Task prompt: Which lines of the records below contain the word "blocks"? Show each one.

Source records:
╔══

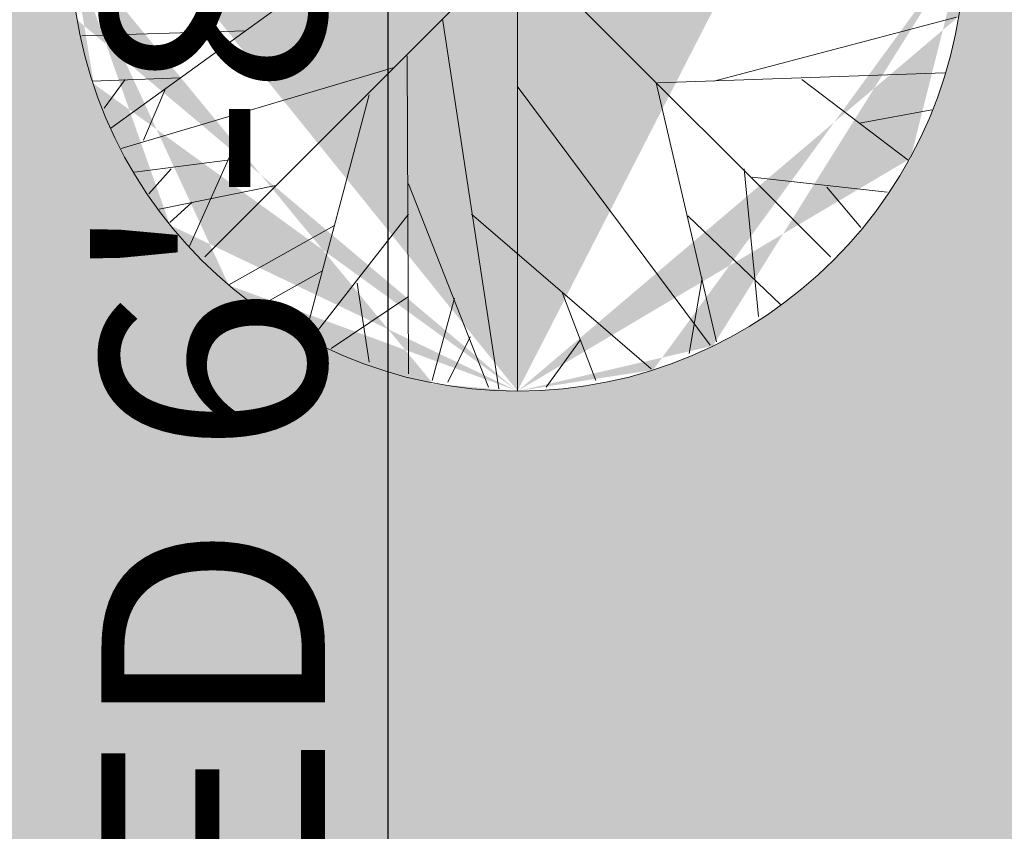
# Model space of a CAD drawing. Units: inches. Extents: x 459864 to 460310, y 324185 to 324787.
# Tile 59 of 112: x 460127 to 460154, y 324239 to 324260. Entities that reach past the tile are written whole.
import ezdxf

# ---------------------------------------------------------------- set-up
doc = ezdxf.new("R2010")
doc.units = ezdxf.units.IN
for name, color, linetype, lineweight in [('A-ANNO-DIMS', 2, 'Continuous', 18), ('L-PLNT', 3, 'Continuous', 13), ('L-SITE-PATT', 252, 'Continuous', 13)]:
    doc.layers.add(name, color=color, linetype=linetype, lineweight=lineweight)
doc.styles.get("Standard").update_dxf_attribs({"font": 'arial.ttf'})
doc.dimstyles.new('ISO-25', dxfattribs={"dimtxt": 6, "dimasz": 2.5, "dimexe": 1.25, "dimexo": 0.625, "dimtad": 1, "dimdec": 1, "dimlunit": 3, "dimtxsty": 'Standard', "dimcen": 2.5, "dimadec": 0, "dimazin": 0, "dimtfac": 1, "dimtdec": 1, "dimtmove": 0, "dimatfit": 3, "dimfxl": 1, "dimarcsym": 0})

# ---------------------------------------------------------------- blocks, each defined once
blk = doc.blocks.new('Tree - deciduous plan')
for p, q in [((0, 59.9996), (0, -60)), ((42, 42), (-42, -42)), ((42, -42), (-42, 42)), ((-54.6162, -24.7335), (-20.2853, 0.0941)), ((-10.074, -10.0627), (-2.5036, -59.7178)), ((26.3697, -18.4138), (58.9401, -9.8369)), ((-58.4895, -12.3197), (-36.4825, -11.6426)), ((-14.8275, -15.0282), (-14.6515, -57.6865)), ((-53.2078, -27.442), (-16.7641, -16.6081)), ((-57.081, -18.4138), (-45.2853, -17.9624)), ((-52.6797, -18.188), (-55.4966, -22.0251)), ((18.7992, -18.6394), (57.3556, -17.2853)), ((38.1654, -18.188), (52.426, -29.0219)), ((-47.2219, -19.3166), (-50.2148, -26.3135)), ((-0.0388, -19.0909), (25.8415, -53.8495)), ((18.6232, -18.6394), (26.7218, -53.3981)), ((-19.9331, -20.2194), (-28.5599, -52.721)), ((45.9119, -24.0564), (55.595, -22.2508)), ((-35.9543, -22.4765), (-44.0529, -40.5329)), ((-38.9472, -29.0219), (-51.4472, -30.6018)), ((-46.5177, -30.1504), (-49.5106, -33.536)), ((30.419, -30.1504), (32.3556, -50.0125)), ((31.4753, -31.279), (49.6091, -33.3103)), ((-32.4331, -32.4075), (-48.1021, -35.5674)), ((-14.6515, -32.1818), (-3.912, -59.4922)), ((41.5105, -32.6332), (46.088, -38.0501)), ((-43.7008, -34.6645), (-46.6937, -37.373)), ((-14.6515, -36.2445), (-27.6797, -52.9467)), ((-6.2008, -36.2445), (17.919, -57.0094)), ((22.8485, -36.4702), (35.3485, -48.4326)), ((-24.6867, -37.8244), (-38.7712, -45.7241)), ((-26.2712, -43.9185), (-34.7219, -48.6583)), ((24.7852, -44.8213), (23.0246, -54.978)), ((-21.5177, -45.4984), (-19.9331, -56.1065)), ((-14.6515, -47.3041), (-25.0388, -54.3009)), ((-8.4895, -47.5298), (-11.4825, -58.5893)), ((5.9471, -46.6269), (10.5246, -58.5893)), ((-6.3768, -52.721), (-9.3698, -58.815)), ((8.4119, -53.1724), (3.8344, -59.4922))]:
    blk.add_line(p, q)
blk.add_circle((0, 0), 60)
blk = doc.blocks.new('*D28')
at = {"layer": 'A-ANNO-DIMS', "color": 0, "lineweight": -2, "transparency": 16777216}
for p, q in [((460148.65, 324370.7), (460136.025, 324370.7)), ((460137.275, 324368.2), (460137.275, 324293.2)), ((460148.65, 324290.7), (460136.025, 324290.7)), ((460137.275, 324290.7), (460137.275, 324198.69))]:
    blk.add_line(p, q, dxfattribs=at)
at = {"layer": 'A-ANNO-DIMS', "color": 0, "transparency": 16777216}
for points in [[(460136.858, 324368.2), (460137.692, 324368.2), (460137.275, 324370.7)], [(460136.858, 324293.2), (460137.692, 324293.2), (460137.275, 324290.7)]]:
    blk.add_solid(points, dxfattribs=at)
at = {"layer": 'Defpoints', "color": 0, "transparency": 16777216}
for p in [(460149.275, 324370.7), (460137.275, 324290.7), (460149.275, 324290.7)]:
    blk.add_point(p, dxfattribs=at)
at = {"layer": 'A-ANNO-DIMS', "color": 0, "transparency": 16777216, "insert": (460133.363, 324243.445), "char_height": 6, "attachment_point": 5, "rotation": 90}
blk.add_mtext('QUEEN BED 6\'-8" TYP.', dxfattribs=at)

msp = doc.modelspace()

# ---------------------------------------------------------------- hatches: boundary and pattern name
at = {"layer": 'L-SITE-PATT'}
h = msp.add_hatch(dxfattribs=at)
h.set_pattern_fill('DOTS', color=256)
h.paths.add_polyline_path([(460269.804, 324283.483), (460247.115, 324283.483), (460121.929, 324283.483), (460121.929, 324252.473), (460117.429, 324252.473), (460110.124, 324252.473), (460110.124, 324243.287), (460080.83, 324243.287), (460080.83, 324252.473), (460061.115, 324252.473), (460061.115, 324251.882), (460077.909, 324251.882), (460077.909, 324199.483), (460080.83, 324199.483), (460080.83, 324207.553), (460110.124, 324207.553), (460110.124, 324199.483), (460110.813, 324199.483), (460262.115, 324199.483), (460269.804, 324199.483)], flags=17)
edge = h.paths.add_edge_path(flags=0)
edge.add_ellipse((460222.59, 324263.813), major_axis=(-8.485, 8.485), ratio=1, start_angle=405, end_angle=495, ccw=False)
edge.add_line((460214.821, 324254.66), (460214.832, 324254.666))
edge.add_ellipse((460222.59, 324263.813), major_axis=(-8.485, 8.485), ratio=1, start_angle=405, end_angle=495, ccw=False)
edge.add_line((460210.759, 324261.781), (460210.768, 324261.787))
edge.add_ellipse((460222.59, 324263.813), major_axis=(-8.485, 8.485), ratio=1, start_angle=405, end_angle=495, ccw=False)
edge.add_ellipse((460222.59, 324263.813), major_axis=(-8.485, 8.485), ratio=1, start_angle=392.754, end_angle=405, ccw=False)
edge.add_ellipse((460222.59, 324263.813), major_axis=(-8.485, 8.485), ratio=1, start_angle=380.9347, end_angle=392.754, ccw=False)
edge.add_line((460211.337, 324267.985), (460211.34, 324267.985))
edge.add_ellipse((460222.59, 324263.813), major_axis=(-8.485, 8.485), ratio=1, start_angle=380.9347, end_angle=392.754, ccw=False)
edge.add_ellipse((460222.59, 324263.813), major_axis=(-8.485, 8.485), ratio=1, start_angle=347.9015, end_angle=380.9347, ccw=False)
edge.add_ellipse((460222.59, 324263.813), major_axis=(-8.485, 8.485), ratio=1, start_angle=327.0619, end_angle=347.9015, ccw=False)
edge.add_ellipse((460222.59, 324263.813), major_axis=(-8.485, 8.485), ratio=1, start_angle=278.3246, end_angle=327.0619, ccw=False)
edge.add_line((460225.158, 324275.536), (460225.158, 324275.535))
edge.add_ellipse((460222.59, 324263.813), major_axis=(-8.485, 8.485), ratio=1, start_angle=278.3246, end_angle=327.0619, ccw=False)
edge.add_ellipse((460222.59, 324263.813), major_axis=(-8.485, 8.485), ratio=1, start_angle=260.6436, end_angle=278.3246, ccw=False)
edge.add_ellipse((460222.59, 324263.813), major_axis=(-8.485, 8.485), ratio=1, start_angle=225, end_angle=260.6436, ccw=False)
edge.add_line((460234.509, 324265.243), (460234.501, 324265.239))
edge.add_ellipse((460222.59, 324263.813), major_axis=(-8.485, 8.485), ratio=1, start_angle=225, end_angle=260.6436, ccw=False)
edge.add_ellipse((460222.59, 324263.813), major_axis=(-8.485, 8.485), ratio=1, start_angle=495, end_angle=585, ccw=False)
edge.add_line((460234.437, 324261.861), (460234.424, 324261.858))
edge.add_ellipse((460222.59, 324263.813), major_axis=(-8.485, 8.485), ratio=1, start_angle=495, end_angle=585, ccw=False)
edge.add_line((460227.95, 324253.067), (460227.946, 324253.083))
edge.add_ellipse((460222.59, 324263.813), major_axis=(-8.485, 8.485), ratio=1, start_angle=495, end_angle=585, ccw=False)
edge.add_line((460226.223, 324252.369), (460226.211, 324252.38))
edge.add_ellipse((460222.59, 324263.813), major_axis=(-8.485, 8.485), ratio=1, start_angle=495, end_angle=585, ccw=False)
h.paths.add_polyline_path([(460219.651, 324254.347), (460218.461, 324253.545), (460218.275, 324254.789), (460219.642, 324256.542), (460219.625, 324260.848), (460216.11, 324257.333), (460214.35, 324256.978), (460215.416, 324259.356), (460212.524, 324258.496), (460213.137, 324259.93), (460218.507, 324263.813), (460222.59, 324263.813), (460222.59, 324267.807), (460218.176, 324272.212), (460219.026, 324274.639), (460222.59, 324272.811), (460222.59, 324275.423), (460223.057, 324274.825), (460222.675, 324273.492), (460225.912, 324267.135), (460219.625, 324260.848)], flags=0)
edge = h.paths.add_edge_path(flags=0)
edge.add_ellipse((460194.576, 324264.046), major_axis=(-8.485, 8.485), ratio=1, start_angle=495, end_angle=585, ccw=False)
edge.add_line((460199.936, 324253.3), (460199.932, 324253.316))
edge.add_ellipse((460194.576, 324264.046), major_axis=(-8.485, 8.485), ratio=1, start_angle=495, end_angle=585, ccw=False)
edge.add_line((460198.208, 324252.603), (460198.196, 324252.613))
edge.add_ellipse((460194.576, 324264.046), major_axis=(-8.485, 8.485), ratio=1, start_angle=495, end_angle=585, ccw=False)
edge.add_ellipse((460194.576, 324264.046), major_axis=(-8.485, 8.485), ratio=1, start_angle=405, end_angle=495, ccw=False)
edge.add_line((460186.806, 324254.893), (460186.817, 324254.899))
edge.add_ellipse((460194.576, 324264.046), major_axis=(-8.485, 8.485), ratio=1, start_angle=405, end_angle=495, ccw=False)
edge.add_line((460182.744, 324262.014), (460182.753, 324262.02))
edge.add_ellipse((460194.576, 324264.046), major_axis=(-8.485, 8.485), ratio=1, start_angle=405, end_angle=495, ccw=False)
edge.add_ellipse((460194.576, 324264.046), major_axis=(-8.485, 8.485), ratio=1, start_angle=392.754, end_angle=405, ccw=False)
edge.add_ellipse((460194.576, 324264.046), major_axis=(-8.485, 8.485), ratio=1, start_angle=380.9347, end_angle=392.754, ccw=False)
edge.add_line((460183.323, 324268.218), (460183.326, 324268.218))
edge.add_ellipse((460194.576, 324264.046), major_axis=(-8.485, 8.485), ratio=1, start_angle=380.9347, end_angle=392.754, ccw=False)
edge.add_ellipse((460194.576, 324264.046), major_axis=(-8.485, 8.485), ratio=1, start_angle=347.9015, end_angle=380.9347, ccw=False)
edge.add_ellipse((460194.576, 324264.046), major_axis=(-8.485, 8.485), ratio=1, start_angle=327.0619, end_angle=347.9015, ccw=False)
edge.add_ellipse((460194.576, 324264.046), major_axis=(-8.485, 8.485), ratio=1, start_angle=278.3246, end_angle=327.0619, ccw=False)
edge.add_line((460197.144, 324275.769), (460197.143, 324275.768))
edge.add_ellipse((460194.576, 324264.046), major_axis=(-8.485, 8.485), ratio=1, start_angle=278.3246, end_angle=327.0619, ccw=False)
edge.add_ellipse((460194.576, 324264.046), major_axis=(-8.485, 8.485), ratio=1, start_angle=260.6436, end_angle=278.3246, ccw=False)
edge.add_ellipse((460194.576, 324264.046), major_axis=(-8.485, 8.485), ratio=1, start_angle=225, end_angle=260.6436, ccw=False)
edge.add_line((460206.494, 324265.476), (460206.487, 324265.473))
edge.add_ellipse((460194.576, 324264.046), major_axis=(-8.485, 8.485), ratio=1, start_angle=225, end_angle=260.6436, ccw=False)
edge.add_ellipse((460194.576, 324264.046), major_axis=(-8.485, 8.485), ratio=1, start_angle=495, end_angle=585, ccw=False)
edge.add_line((460206.422, 324262.094), (460206.409, 324262.091))
h.paths.add_polyline_path([(460191.61, 324261.081), (460191.637, 324254.58), (460190.447, 324253.778), (460190.261, 324255.023), (460191.628, 324256.775), (460191.61, 324261.081), (460188.096, 324257.566), (460186.335, 324257.211), (460187.402, 324259.589), (460184.509, 324258.729), (460185.123, 324260.163), (460190.493, 324264.046), (460194.576, 324264.046), (460194.576, 324268.04), (460190.161, 324272.446), (460191.011, 324274.872), (460194.576, 324273.044), (460194.576, 324275.657), (460195.043, 324275.058), (460194.661, 324273.725), (460197.897, 324267.368)], flags=0)
edge = h.paths.add_edge_path(flags=0)
edge.add_ellipse((460252.912, 324263.578), major_axis=(-8.485, 8.485), ratio=1, start_angle=405, end_angle=495, ccw=False)
edge.add_line((460241.081, 324261.545), (460241.089, 324261.551))
edge.add_ellipse((460252.912, 324263.578), major_axis=(-8.485, 8.485), ratio=1, start_angle=405, end_angle=495, ccw=False)
edge.add_ellipse((460252.912, 324263.578), major_axis=(-8.485, 8.485), ratio=1, start_angle=392.754, end_angle=405, ccw=False)
edge.add_ellipse((460252.912, 324263.578), major_axis=(-8.485, 8.485), ratio=1, start_angle=380.9347, end_angle=392.754, ccw=False)
edge.add_line((460241.659, 324267.749), (460241.662, 324267.749))
edge.add_ellipse((460252.912, 324263.578), major_axis=(-8.485, 8.485), ratio=1, start_angle=380.9347, end_angle=392.754, ccw=False)
edge.add_ellipse((460252.912, 324263.578), major_axis=(-8.485, 8.485), ratio=1, start_angle=347.9015, end_angle=380.9347, ccw=False)
edge.add_ellipse((460252.912, 324263.578), major_axis=(-8.485, 8.485), ratio=1, start_angle=327.0619, end_angle=347.9015, ccw=False)
edge.add_ellipse((460252.912, 324263.578), major_axis=(-8.485, 8.485), ratio=1, start_angle=278.3246, end_angle=327.0619, ccw=False)
edge.add_line((460255.48, 324275.3), (460255.479, 324275.299))
edge.add_ellipse((460252.912, 324263.578), major_axis=(-8.485, 8.485), ratio=1, start_angle=278.3246, end_angle=327.0619, ccw=False)
edge.add_ellipse((460252.912, 324263.578), major_axis=(-8.485, 8.485), ratio=1, start_angle=260.6436, end_angle=278.3246, ccw=False)
edge.add_ellipse((460252.912, 324263.578), major_axis=(-8.485, 8.485), ratio=1, start_angle=225, end_angle=260.6436, ccw=False)
edge.add_line((460264.83, 324265.007), (460264.823, 324265.004))
edge.add_ellipse((460252.912, 324263.578), major_axis=(-8.485, 8.485), ratio=1, start_angle=225, end_angle=260.6436, ccw=False)
edge.add_ellipse((460252.912, 324263.578), major_axis=(-8.485, 8.485), ratio=1, start_angle=495, end_angle=585, ccw=False)
edge.add_line((460264.758, 324261.626), (460264.745, 324261.622))
edge.add_ellipse((460252.912, 324263.578), major_axis=(-8.485, 8.485), ratio=1, start_angle=495, end_angle=585, ccw=False)
edge.add_line((460258.272, 324252.832), (460258.268, 324252.848))
edge.add_ellipse((460252.912, 324263.578), major_axis=(-8.485, 8.485), ratio=1, start_angle=495, end_angle=585, ccw=False)
edge.add_line((460256.545, 324252.134), (460256.533, 324252.144))
edge.add_ellipse((460252.912, 324263.578), major_axis=(-8.485, 8.485), ratio=1, start_angle=495, end_angle=585, ccw=False)
edge.add_ellipse((460252.912, 324263.578), major_axis=(-8.485, 8.485), ratio=1, start_angle=405, end_angle=495, ccw=False)
edge.add_line((460245.143, 324254.424), (460245.153, 324254.43))
h.paths.add_polyline_path([(460244.672, 324256.742), (460245.738, 324259.12), (460242.846, 324258.26), (460243.459, 324259.694), (460248.829, 324263.578), (460252.912, 324263.578), (460252.912, 324267.571), (460248.497, 324271.977), (460249.348, 324274.403), (460252.912, 324272.576), (460252.912, 324275.188), (460253.379, 324274.589), (460252.997, 324273.257), (460256.233, 324266.899), (460249.946, 324260.612), (460249.973, 324254.111), (460248.783, 324253.309), (460248.597, 324254.554), (460249.964, 324256.306), (460249.946, 324260.612), (460246.432, 324257.097)], flags=0)
edge = h.paths.add_edge_path(flags=0)
edge.add_ellipse((460167.439, 324262.833), major_axis=(-8.485, 8.485), ratio=1, start_angle=495, end_angle=585, ccw=False)
edge.add_line((460172.799, 324252.087), (460172.795, 324252.103))
edge.add_ellipse((460167.439, 324262.833), major_axis=(-8.485, 8.485), ratio=1, start_angle=495, end_angle=585, ccw=False)
edge.add_line((460171.071, 324251.389), (460171.059, 324251.399))
edge.add_ellipse((460167.439, 324262.833), major_axis=(-8.485, 8.485), ratio=1, start_angle=495, end_angle=585, ccw=False)
edge.add_ellipse((460167.439, 324262.833), major_axis=(-8.485, 8.485), ratio=1, start_angle=405, end_angle=495, ccw=False)
edge.add_line((460159.669, 324253.679), (460159.68, 324253.685))
edge.add_ellipse((460167.439, 324262.833), major_axis=(-8.485, 8.485), ratio=1, start_angle=405, end_angle=495, ccw=False)
edge.add_line((460155.607, 324260.8), (460155.616, 324260.806))
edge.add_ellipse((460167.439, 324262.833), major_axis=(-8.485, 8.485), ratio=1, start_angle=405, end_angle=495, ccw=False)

╚══

Written answer:
# ---------------------------------------------------------------- blocks, each defined once
blk = doc.blocks.new('Tree - deciduous plan')
blk = doc.blocks.new('*D28')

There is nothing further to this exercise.